*What is being asked*
Every line containing the string "blocks" should be returned from the records.

*Task data*
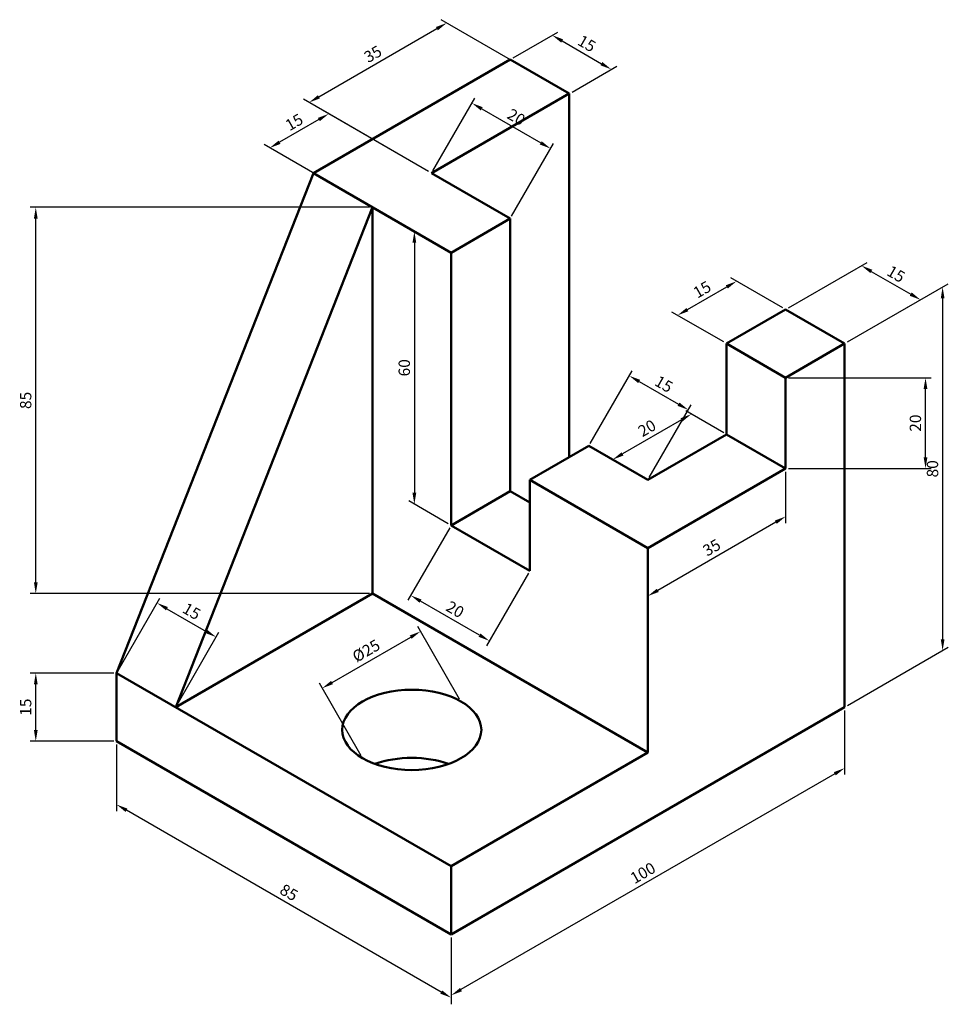
# Model space of a CAD drawing. Units: millimetres. Extents: x 1462 to 1666, y 2377 to 2594.
import ezdxf

# ---------------------------------------------------------------- set-up
doc = ezdxf.new("R2010")
doc.units = ezdxf.units.MM
doc.layers.add('M-DIMS', color=2, linetype='Continuous', lineweight=25)
doc.layers.add('M-OUTL', color=7, linetype='Continuous', lineweight=50)
doc.styles.get("Standard").update_dxf_attribs({"font": 'arial.ttf'})
doc.dimstyles.new('ISO-25', dxfattribs={"dimtxt": 2.5, "dimasz": 2.5, "dimexe": 1.25, "dimexo": 0.625, "dimtad": 1, "dimtxsty": 'Standard', "dimcen": 2.5, "dimadec": 0, "dimazin": 0, "dimtfac": 1, "dimtmove": 0, "dimatfit": 3, "dimfxl": 1, "dimarcsym": 0})

# ---------------------------------------------------------------- blocks, each defined once
blk = doc.blocks.new('*D1')
at = {"layer": 'Defpoints', "color": 0, "transparency": 16777216}
for p in [(1643.58, 2522.67), (1665.14, 2455.12), (1643.58, 2442.67)]:
    blk.add_point(p, dxfattribs=at)
at = {"layer": 'M-DIMS', "color": 0, "lineweight": -2, "transparency": 16777216}
for p, q in [((1644.2, 2523.03), (1666.39, 2535.85)), ((1665.14, 2532.62), (1665.14, 2457.62)), ((1644.2, 2443.03), (1666.39, 2455.85))]:
    blk.add_line(p, q, dxfattribs=at)
at = {"layer": 'M-DIMS', "color": 0, "transparency": 16777216}
for points in [[(1664.73, 2532.62), (1665.56, 2532.62), (1665.14, 2535.12)], [(1664.73, 2457.62), (1665.56, 2457.62), (1665.14, 2455.12)]]:
    blk.add_solid(points, dxfattribs=at)
at = {"layer": 'M-DIMS', "color": 0, "transparency": 16777216, "insert": (1663.24, 2495.12), "char_height": 2.5, "attachment_point": 5, "rotation": 90}
blk.add_mtext('80', dxfattribs=at)
blk = doc.blocks.new('*D2')
at = {"layer": 'Defpoints', "color": 0, "transparency": 16777216}
for p in [(1660.28, 2532.31), (1630.59, 2530.17), (1643.58, 2522.67)]:
    blk.add_point(p, dxfattribs=at)
at = {"layer": 'M-DIMS', "color": 0, "lineweight": -2, "transparency": 16777216}
for p, q in [((1631.21, 2530.53), (1648.54, 2540.54)), ((1649.45, 2538.56), (1658.11, 2533.56)), ((1644.2, 2523.03), (1661.53, 2533.04))]:
    blk.add_line(p, q, dxfattribs=at)
at = {"layer": 'M-DIMS', "color": 0, "transparency": 16777216}
for points in [[(1649.66, 2538.93), (1649.24, 2538.2), (1647.29, 2539.81)], [(1658.32, 2533.93), (1657.9, 2533.2), (1660.28, 2532.31)]]:
    blk.add_solid(points, dxfattribs=at)
at = {"layer": 'M-DIMS', "color": 0, "transparency": 16777216, "insert": (1654.73, 2537.71), "char_height": 2.5, "attachment_point": 5, "rotation": 330}
blk.add_mtext('15', dxfattribs=at)
blk = doc.blocks.new('*D3')
at = {"layer": 'Defpoints', "color": 0, "transparency": 16777216}
for p in [(1619.8, 2536.4), (1630.59, 2530.17), (1617.6, 2522.67)]:
    blk.add_point(p, dxfattribs=at)
at = {"layer": 'M-DIMS', "color": 0, "lineweight": -2, "transparency": 16777216}
for p, q in [((1608.98, 2530.15), (1617.64, 2535.15)), ((1629.96, 2530.53), (1618.55, 2537.12)), ((1616.97, 2523.03), (1605.56, 2529.62))]:
    blk.add_line(p, q, dxfattribs=at)
at = {"layer": 'M-DIMS', "color": 0, "transparency": 16777216}
for points in [[(1617.43, 2535.51), (1617.85, 2534.79), (1619.8, 2536.4)], [(1608.77, 2530.51), (1609.19, 2529.79), (1606.81, 2528.9)]]:
    blk.add_solid(points, dxfattribs=at)
at = {"layer": 'M-DIMS', "color": 0, "transparency": 16777216, "insert": (1612.36, 2534.3), "char_height": 2.5, "attachment_point": 5, "rotation": 30}
blk.add_mtext('15', dxfattribs=at)
blk = doc.blocks.new('*D4')
at = {"layer": 'Defpoints', "color": 0, "transparency": 16777216}
for p in [(1617.6, 2502.67), (1592.53, 2497.15), (1600.28, 2492.67)]:
    blk.add_point(p, dxfattribs=at)
at = {"layer": 'M-DIMS', "color": 0, "lineweight": -2, "transparency": 16777216}
for p, q in [((1616.97, 2503.03), (1608.6, 2507.87)), ((1607.68, 2505.9), (1594.69, 2498.4)), ((1599.65, 2493.03), (1591.28, 2497.87))]:
    blk.add_line(p, q, dxfattribs=at)
at = {"layer": 'M-DIMS', "color": 0, "transparency": 16777216}
for points in [[(1607.48, 2506.26), (1607.89, 2505.54), (1609.85, 2507.15)], [(1594.49, 2498.76), (1594.9, 2498.04), (1592.53, 2497.15)]]:
    blk.add_solid(points, dxfattribs=at)
at = {"layer": 'M-DIMS', "color": 0, "transparency": 16777216, "insert": (1600.24, 2503.79), "char_height": 2.5, "attachment_point": 5, "rotation": 30}
blk.add_mtext('20', dxfattribs=at)
blk = doc.blocks.new('*D5')
at = {"layer": 'Defpoints', "color": 0, "transparency": 16777216}
for p in [(1517.05, 2565.73), (1552.65, 2560.17), (1539.66, 2552.67)]:
    blk.add_point(p, dxfattribs=at)
at = {"layer": 'M-DIMS', "color": 0, "lineweight": -2, "transparency": 16777216}
for p, q in [((1527.87, 2571.98), (1519.21, 2566.98)), ((1552.02, 2560.53), (1528.79, 2573.95)), ((1539.03, 2553.03), (1515.8, 2566.45))]:
    blk.add_line(p, q, dxfattribs=at)
at = {"layer": 'M-DIMS', "color": 0, "transparency": 16777216}
for points in [[(1527.66, 2572.34), (1528.08, 2571.62), (1530.04, 2573.23)], [(1519, 2567.34), (1519.42, 2566.62), (1517.05, 2565.73)]]:
    blk.add_solid(points, dxfattribs=at)
at = {"layer": 'M-DIMS', "color": 0, "transparency": 16777216, "insert": (1522.59, 2571.12), "char_height": 2.5, "attachment_point": 5, "rotation": 30}
blk.add_mtext('15', dxfattribs=at)
blk = doc.blocks.new('*D6')
at = {"layer": 'Defpoints', "color": 0, "transparency": 16777216}
for p in [(1556.02, 2593.23), (1582.96, 2577.67), (1552.65, 2560.17)]:
    blk.add_point(p, dxfattribs=at)
at = {"layer": 'M-DIMS', "color": 0, "lineweight": -2, "transparency": 16777216}
for p, q in [((1582.33, 2578.03), (1554.77, 2593.95)), ((1527.87, 2576.98), (1553.85, 2591.98)), ((1552.02, 2560.53), (1524.46, 2576.45))]:
    blk.add_line(p, q, dxfattribs=at)
at = {"layer": 'M-DIMS', "color": 0, "transparency": 16777216}
for points in [[(1553.64, 2592.34), (1554.06, 2591.62), (1556.02, 2593.23)], [(1527.66, 2577.34), (1528.08, 2576.62), (1525.71, 2575.73)]]:
    blk.add_solid(points, dxfattribs=at)
at = {"layer": 'M-DIMS', "color": 0, "transparency": 16777216, "insert": (1539.91, 2586.12), "char_height": 2.5, "attachment_point": 5, "rotation": 30}
blk.add_mtext('35', dxfattribs=at)
blk = doc.blocks.new('*D7')
at = {"layer": 'Defpoints', "color": 0, "transparency": 16777216}
for p in [(1569.97, 2585.17), (1592.22, 2583.02), (1582.96, 2577.67)]:
    blk.add_point(p, dxfattribs=at)
at = {"layer": 'M-DIMS', "color": 0, "lineweight": -2, "transparency": 16777216}
for p, q in [((1570.59, 2585.53), (1580.48, 2591.24)), ((1581.39, 2589.27), (1590.05, 2584.27)), ((1583.58, 2578.03), (1593.47, 2583.74))]:
    blk.add_line(p, q, dxfattribs=at)
at = {"layer": 'M-DIMS', "color": 0, "transparency": 16777216}
for points in [[(1581.6, 2589.63), (1581.19, 2588.91), (1579.23, 2590.52)], [(1590.26, 2584.63), (1589.85, 2583.91), (1592.22, 2583.02)]]:
    blk.add_solid(points, dxfattribs=at)
at = {"layer": 'M-DIMS', "color": 0, "transparency": 16777216, "insert": (1586.68, 2588.42), "char_height": 2.5, "attachment_point": 5, "rotation": 330}
blk.add_mtext('15', dxfattribs=at)
blk = doc.blocks.new('*D8')
at = {"layer": 'Defpoints', "color": 0, "transparency": 16777216}
for p in [(1556.98, 2542.67), (1548.88, 2487.35), (1556.98, 2482.67)]:
    blk.add_point(p, dxfattribs=at)
at = {"layer": 'M-DIMS', "color": 0, "lineweight": -2, "transparency": 16777216}
for p, q in [((1556.35, 2543.03), (1547.63, 2548.07)), ((1548.88, 2544.85), (1548.88, 2489.85)), ((1556.35, 2483.03), (1547.63, 2488.07))]:
    blk.add_line(p, q, dxfattribs=at)
at = {"layer": 'M-DIMS', "color": 0, "transparency": 16777216}
for points in [[(1548.46, 2544.85), (1549.3, 2544.85), (1548.88, 2547.35)], [(1548.46, 2489.85), (1549.3, 2489.85), (1548.88, 2487.35)]]:
    blk.add_solid(points, dxfattribs=at)
at = {"layer": 'M-DIMS', "color": 0, "transparency": 16777216, "insert": (1546.98, 2517.35), "char_height": 2.5, "attachment_point": 5, "rotation": 90}
blk.add_mtext('60', dxfattribs=at)
blk = doc.blocks.new('*D9')
at = {"layer": 'Defpoints', "color": 0, "transparency": 16777216}
for p in [(1630.59, 2495.17), (1600.28, 2477.67), (1600.28, 2467.12)]:
    blk.add_point(p, dxfattribs=at)
at = {"layer": 'M-DIMS', "color": 0, "lineweight": -2, "transparency": 16777216}
for p, q in [((1630.59, 2494.45), (1630.59, 2483.17)), ((1628.42, 2483.37), (1602.44, 2468.37)), ((1600.28, 2476.95), (1600.28, 2465.67))]:
    blk.add_line(p, q, dxfattribs=at)
at = {"layer": 'M-DIMS', "color": 0, "transparency": 16777216}
for points in [[(1628.21, 2483.73), (1628.63, 2483.01), (1630.59, 2484.62)], [(1602.23, 2468.73), (1602.65, 2468.01), (1600.28, 2467.12)]]:
    blk.add_solid(points, dxfattribs=at)
at = {"layer": 'M-DIMS', "color": 0, "transparency": 16777216, "insert": (1614.48, 2477.52), "char_height": 2.5, "attachment_point": 5, "rotation": 30}
blk.add_mtext('35', dxfattribs=at)
blk = doc.blocks.new('*D10')
at = {"layer": 'Defpoints', "color": 0, "transparency": 16777216}
for p in [(1643.58, 2442.67), (1556.98, 2392.67), (1556.98, 2379.26)]:
    blk.add_point(p, dxfattribs=at)
at = {"layer": 'M-DIMS', "color": 0, "lineweight": -2, "transparency": 16777216}
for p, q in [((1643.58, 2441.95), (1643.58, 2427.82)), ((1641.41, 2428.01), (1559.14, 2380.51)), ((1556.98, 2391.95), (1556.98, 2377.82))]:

*Reply to the task*
# ---------------------------------------------------------------- blocks, each defined once
blk = doc.blocks.new('*D1')
blk = doc.blocks.new('*D2')
blk = doc.blocks.new('*D3')
blk = doc.blocks.new('*D4')
blk = doc.blocks.new('*D5')
blk = doc.blocks.new('*D6')
blk = doc.blocks.new('*D7')
blk = doc.blocks.new('*D8')
blk = doc.blocks.new('*D9')
blk = doc.blocks.new('*D10')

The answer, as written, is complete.